- **How to complete this task**:
Go from the first line below to the one with "extrude(amount=-CUT_EXTRUDE2_DEPTH, mode=Mode.SUBTRACT)" and print each line exactly.

Data below:

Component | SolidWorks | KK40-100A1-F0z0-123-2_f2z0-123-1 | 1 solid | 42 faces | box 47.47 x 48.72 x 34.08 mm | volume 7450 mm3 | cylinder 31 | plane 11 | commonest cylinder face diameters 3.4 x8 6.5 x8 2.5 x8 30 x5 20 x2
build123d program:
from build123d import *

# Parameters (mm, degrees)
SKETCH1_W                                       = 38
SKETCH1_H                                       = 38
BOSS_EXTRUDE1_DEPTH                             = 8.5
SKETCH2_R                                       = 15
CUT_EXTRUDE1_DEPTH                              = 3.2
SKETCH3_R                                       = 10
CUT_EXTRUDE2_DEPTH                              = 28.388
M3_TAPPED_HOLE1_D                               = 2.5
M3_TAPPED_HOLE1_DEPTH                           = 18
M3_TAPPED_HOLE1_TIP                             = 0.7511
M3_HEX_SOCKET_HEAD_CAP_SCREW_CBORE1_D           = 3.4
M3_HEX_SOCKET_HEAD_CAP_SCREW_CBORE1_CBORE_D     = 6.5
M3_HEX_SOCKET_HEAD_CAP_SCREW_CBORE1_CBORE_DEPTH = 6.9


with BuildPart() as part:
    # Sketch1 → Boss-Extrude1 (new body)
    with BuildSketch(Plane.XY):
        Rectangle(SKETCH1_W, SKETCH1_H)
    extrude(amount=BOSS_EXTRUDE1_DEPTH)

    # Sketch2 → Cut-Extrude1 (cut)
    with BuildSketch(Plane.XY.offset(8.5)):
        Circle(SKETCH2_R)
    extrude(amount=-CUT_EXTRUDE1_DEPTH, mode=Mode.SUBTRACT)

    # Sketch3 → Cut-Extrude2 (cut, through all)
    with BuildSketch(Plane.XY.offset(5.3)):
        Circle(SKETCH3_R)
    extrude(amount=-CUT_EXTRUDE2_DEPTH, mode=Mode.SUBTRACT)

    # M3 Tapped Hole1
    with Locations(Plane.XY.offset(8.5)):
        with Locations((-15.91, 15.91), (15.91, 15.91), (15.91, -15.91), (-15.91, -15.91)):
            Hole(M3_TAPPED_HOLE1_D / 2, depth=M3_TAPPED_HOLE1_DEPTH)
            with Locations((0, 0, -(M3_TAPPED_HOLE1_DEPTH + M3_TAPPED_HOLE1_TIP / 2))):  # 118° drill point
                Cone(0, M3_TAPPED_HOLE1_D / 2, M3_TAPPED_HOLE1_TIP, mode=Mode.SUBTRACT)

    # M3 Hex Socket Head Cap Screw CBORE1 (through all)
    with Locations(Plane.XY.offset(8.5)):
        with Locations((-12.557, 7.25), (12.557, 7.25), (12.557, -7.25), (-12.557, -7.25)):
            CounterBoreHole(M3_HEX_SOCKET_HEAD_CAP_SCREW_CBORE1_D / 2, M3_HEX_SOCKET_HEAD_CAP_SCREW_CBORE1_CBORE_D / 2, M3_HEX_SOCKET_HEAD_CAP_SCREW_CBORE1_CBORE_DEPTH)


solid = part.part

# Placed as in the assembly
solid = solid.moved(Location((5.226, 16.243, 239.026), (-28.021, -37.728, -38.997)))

End of Data.

- **Response to the task**:
Component | SolidWorks | KK40-100A1-F0z0-123-2_f2z0-123-1 | 1 solid | 42 faces | box 47.47 x 48.72 x 34.08 mm | volume 7450 mm3 | cylinder 31 | plane 11 | commonest cylinder face diameters 3.4 x8 6.5 x8 2.5 x8 30 x5 20 x2
build123d program:
from build123d import *

# Parameters (mm, degrees)
SKETCH1_W                                       = 38
SKETCH1_H                                       = 38
BOSS_EXTRUDE1_DEPTH                             = 8.5
SKETCH2_R                                       = 15
CUT_EXTRUDE1_DEPTH                              = 3.2
SKETCH3_R                                       = 10
CUT_EXTRUDE2_DEPTH                              = 28.388
M3_TAPPED_HOLE1_D                               = 2.5
M3_TAPPED_HOLE1_DEPTH                           = 18
M3_TAPPED_HOLE1_TIP                             = 0.7511
M3_HEX_SOCKET_HEAD_CAP_SCREW_CBORE1_D           = 3.4
M3_HEX_SOCKET_HEAD_CAP_SCREW_CBORE1_CBORE_D     = 6.5
M3_HEX_SOCKET_HEAD_CAP_SCREW_CBORE1_CBORE_DEPTH = 6.9


with BuildPart() as part:
    # Sketch1 → Boss-Extrude1 (new body)
    with BuildSketch(Plane.XY):
        Rectangle(SKETCH1_W, SKETCH1_H)
    extrude(amount=BOSS_EXTRUDE1_DEPTH)

    # Sketch2 → Cut-Extrude1 (cut)
    with BuildSketch(Plane.XY.offset(8.5)):
        Circle(SKETCH2_R)
    extrude(amount=-CUT_EXTRUDE1_DEPTH, mode=Mode.SUBTRACT)

    # Sketch3 → Cut-Extrude2 (cut, through all)
    with BuildSketch(Plane.XY.offset(5.3)):
        Circle(SKETCH3_R)
    extrude(amount=-CUT_EXTRUDE2_DEPTH, mode=Mode.SUBTRACT)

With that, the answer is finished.